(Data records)
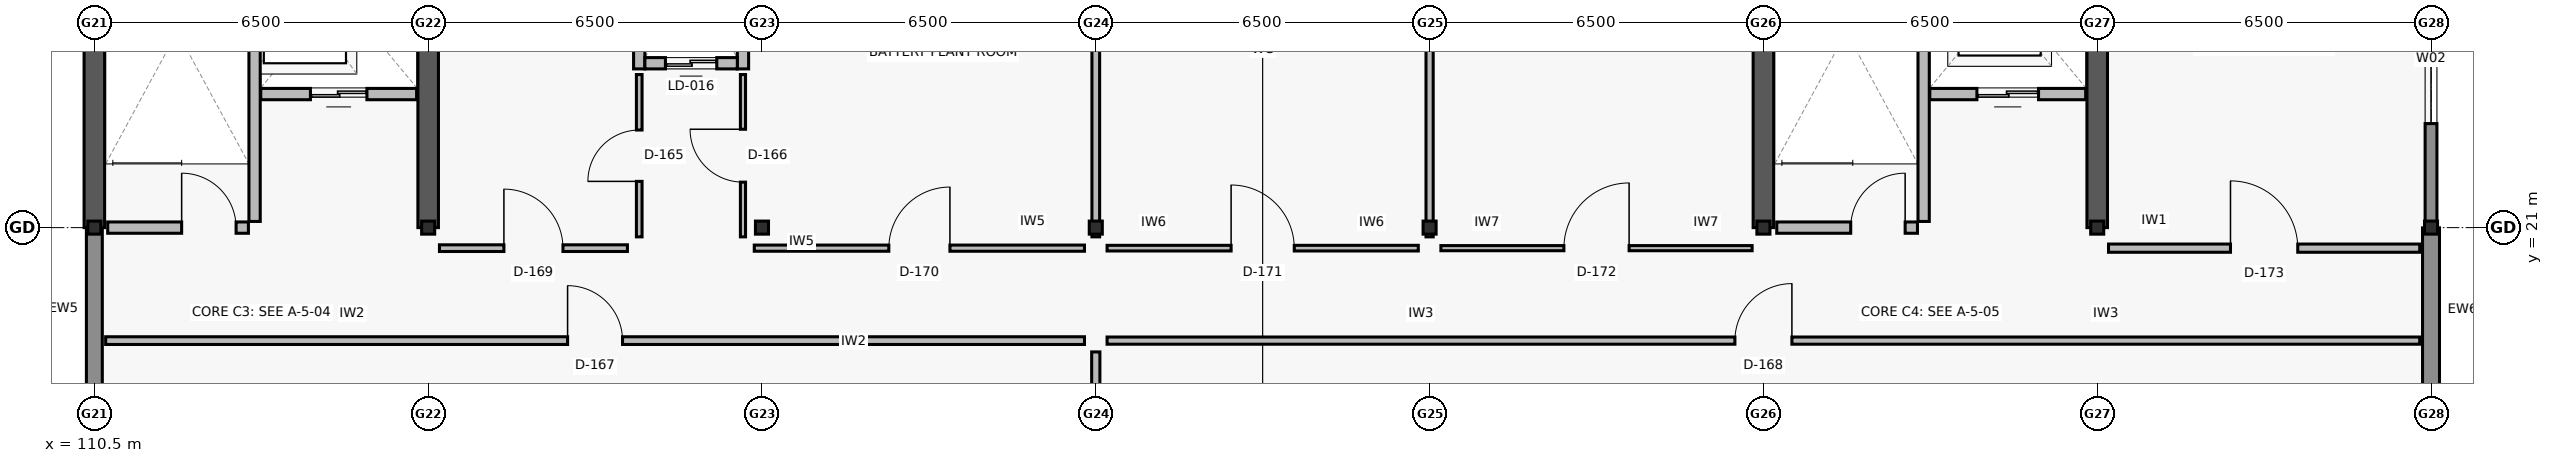
"""IFC4 building model, lengths in metres.
Left out: names, types, materials, properties, quantities, classifications, styles, units other than length and angle.
Written with IfcOpenShell. Run it as: python <this file> out.ifc"""

import sys

from ifc_helpers import new_model, si_unit, direction, frame, frame_2d, origin, origin_2d, place, context, subcontext, project, spatial, rectangle, i_section, extrude, element, fill, save


model = new_model("IFC4")
c1 = context("Model", 3, precision=1e-05, world=origin(), true_north=direction((0.0, 1.0)))
c2 = subcontext(c1, "Body", "Model", "MODEL_VIEW")
j1 = project(units=[si_unit("LENGTHUNIT", "METRE"), si_unit("PLANEANGLEUNIT", "RADIAN")], contexts=[c1])
p1 = place(None, origin())
s1 = spatial("IfcSite", under=j1, at=p1, CompositionType="ELEMENT")
p2 = place(p1, origin())
s2 = spatial("IfcBuilding", under=s1, at=p2, CompositionType="ELEMENT")
p3 = place(p2, frame((0.0, 0.0, 21.3)))
s3 = spatial("IfcBuildingStorey", under=s2, at=p3, CompositionType="ELEMENT", Elevation=21.3)
for number, where, z_axis, x_axis in (
    (1, (110.5, 21.0, 0.0), (0.0, 0.0, 1.0), (1.0, 0.0, 0.0)),
    (2, (117.0, 21.0, 0.0), (0.0, 0.0, 1.0), (1.0, 0.0, 0.0)),
    (3, (123.5, 21.0, 0.0), (0.0, 0.0, 1.0), (1.0, 0.0, 0.0)),
    (4, (130.0, 21.0, 0.0), (0.0, 0.0, 1.0), (1.0, 0.0, 0.0)),
    (5, (136.5, 21.0, 0.0), (0.0, 0.0, 1.0), (1.0, 0.0, 0.0)),
    (6, (143.0, 21.0, 0.0), (0.0, 0.0, 1.0), (1.0, 0.0, 0.0)),
    (7, (149.5, 21.0, 0.0), (0.0, 0.0, 1.0), (1.0, 0.0, 0.0)),
    (8, (156.0, 21.0, 0.0), (0.0, 0.0, 1.0), (1.0, 0.0, 0.0)),
):
    element("IfcColumn", number, at=place(p3, frame(where, z_axis=z_axis, x_axis=x_axis)), inside=s3, PredefinedType="COLUMN", context=c2, shape_type="SweptSolid", body=[
        extrude(i_section(OverallWidth=0.254, OverallDepth=0.254, WebThickness=0.009, FlangeThickness=0.014, FilletRadius=0.013, at=origin_2d()), origin(), (0.0, 0.0, 1.0), 3.9),
    ])
for number, where, z_axis, x_axis in (
    (9, (110.5, 21.0, 0.0), (0.0, 0.0, 1.0), (0.0, 1.0, 0.0)),
    (10, (117.0, 21.0, 0.0), (0.0, 0.0, 1.0), (0.0, 1.0, 0.0)),
    (11, (143.0, 21.0, 0.0), (0.0, 0.0, 1.0), (0.0, 1.0, 0.0)),
    (12, (149.5, 21.0, 0.0), (0.0, 0.0, 1.0), (0.0, 1.0, 0.0)),
):
    element("IfcWall", number, at=place(p3, frame(where, z_axis=z_axis, x_axis=x_axis)), inside=s3, PredefinedType="SHEAR", context=c2, shape_type="SweptSolid", body=[
        extrude(rectangle(XDim=6.4, YDim=0.4, at=frame_2d((3.2, 0.0))), origin(), (0.0, 0.0, 1.0), 3.66),
    ])
p4 = place(p3, frame((110.5, 14.405, 0.0), z_axis=(0.0, 0.0, 1.0), x_axis=(0.0, 1.0, 0.0)))
e13 = element("IfcWall", 13, at=p4, inside=s3, PredefinedType="SOLIDWALL", context=c2, shape_type="SweptSolid", body=[
    extrude(rectangle(XDim=6.59, YDim=0.31, at=frame_2d((3.295, 0.0))), origin(), (0.0, 0.0, 1.0), 3.02),
])
p5 = place(p4, frame((0.988, 0.0, 0.8)))
e14 = element("IfcOpeningElement", 14, at=p5, cuts=e13, PredefinedType="OPENING", context=c2, shape_type="SweptSolid", body=[
    extrude(rectangle(XDim=2.45, YDim=1.95, at=frame_2d((1.225, 0.975))), frame((0.0, 0.165, 0.0), z_axis=(0.0, -1.0, 0.0), x_axis=(1.0, 0.0, 0.0)), (0.0, 0.0, 1.0), 0.33),
])
p6 = place(p3, frame((156.0, 20.995, 0.0), z_axis=(0.0, 0.0, 1.0), x_axis=(0.0, -1.0, 0.0)))
e15 = element("IfcWall", 15, at=p6, inside=s3, PredefinedType="SOLIDWALL", context=c2, shape_type="SweptSolid", body=[
    extrude(rectangle(XDim=6.59, YDim=0.33, at=frame_2d((3.295, 0.0))), origin(), (0.0, 0.0, 1.0), 3.02),
])
p7 = place(p6, frame((3.177, 0.0, 0.72)))
e16 = element("IfcOpeningElement", 16, at=p7, cuts=e15, PredefinedType="OPENING", context=c2, shape_type="SweptSolid", body=[
    extrude(rectangle(XDim=2.4, YDim=2.1, at=frame_2d((1.2, 1.05))), frame((0.0, 0.175, 0.0), z_axis=(0.0, -1.0, 0.0), x_axis=(1.0, 0.0, 0.0)), (0.0, 0.0, 1.0), 0.35),
])
p8 = place(p3, frame((156.0, 27.595, 0.0), z_axis=(0.0, 0.0, 1.0), x_axis=(0.0, -1.0, 0.0)))
e17 = element("IfcWall", 17, at=p8, inside=s3, PredefinedType="SOLIDWALL", context=c2, shape_type="SweptSolid", body=[
    extrude(rectangle(XDim=6.59, YDim=0.23, at=frame_2d((3.295, 0.0))), origin(), (0.0, 0.0, 1.0), 3.02),
])
p9 = place(p8, frame((2.02, 0.0, 0.72)))
e18 = element("IfcOpeningElement", 18, at=p9, cuts=e17, PredefinedType="OPENING", context=c2, shape_type="SweptSolid", body=[
    extrude(rectangle(XDim=2.55, YDim=2.1, at=frame_2d((1.275, 1.05))), frame((0.0, 0.125, 0.0), z_axis=(0.0, -1.0, 0.0), x_axis=(1.0, 0.0, 0.0)), (0.0, 0.0, 1.0), 0.25),
])
p10 = place(p3, frame((113.62, 21.12, 0.0), z_axis=(0.0, 0.0, 1.0), x_axis=(0.0, 1.0, 0.0)))
e19 = element("IfcWall", 19, at=p10, inside=s3, PredefinedType="SOLIDWALL", context=c2, shape_type="SweptSolid", body=[
    extrude(rectangle(XDim=6.255, YDim=0.22, at=frame_2d((3.127, 0.0))), origin(), (0.0, 0.0, 1.0), 3.02),
])
p11 = place(p3, frame((110.76, 21.0, 0.0), z_axis=(0.0, 0.0, 1.0), x_axis=(1.0, 0.0, 0.0)))
e20 = element("IfcWall", 20, at=p11, inside=s3, PredefinedType="SOLIDWALL", context=c2, shape_type="SweptSolid", body=[
    extrude(rectangle(XDim=2.74, YDim=0.22, at=frame_2d((1.37, 0.0))), origin(), (0.0, 0.0, 1.0), 3.02),
])
p12 = place(p11, frame((1.44, 0.0, 0.0)))
e21 = element("IfcOpeningElement", 21, at=p12, cuts=e20, PredefinedType="OPENING", context=c2, shape_type="SweptSolid", body=[
    extrude(rectangle(XDim=1.06, YDim=2.1, at=frame_2d((0.53, 1.05))), frame((0.0, 0.12, 0.0), z_axis=(0.0, -1.0, 0.0), x_axis=(1.0, 0.0, 0.0)), (0.0, 0.0, 1.0), 0.24),
])
p13 = place(p3, frame((113.74, 23.6, 0.0), z_axis=(0.0, 0.0, 1.0), x_axis=(1.0, 0.0, 0.0)))
e22 = element("IfcWall", 22, at=p13, inside=s3, PredefinedType="SOLIDWALL", context=c2, shape_type="SweptSolid", body=[
    extrude(rectangle(XDim=3.035, YDim=0.22, at=frame_2d((1.518, 0.0))), origin(), (0.0, 0.0, 1.0), 3.02),
])
p14 = place(p13, frame((0.968, 0.0, 0.0)))
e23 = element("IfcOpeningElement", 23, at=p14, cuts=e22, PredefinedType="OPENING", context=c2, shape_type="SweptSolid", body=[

What needs to be done:
Which lines of the records above hold the word "under"? Copy each of them.

Exercise answer:
s1 = spatial("IfcSite", under=j1, at=p1, CompositionType="ELEMENT")
s2 = spatial("IfcBuilding", under=s1, at=p2, CompositionType="ELEMENT")
s3 = spatial("IfcBuildingStorey", under=s2, at=p3, CompositionType="ELEMENT", Elevation=21.3)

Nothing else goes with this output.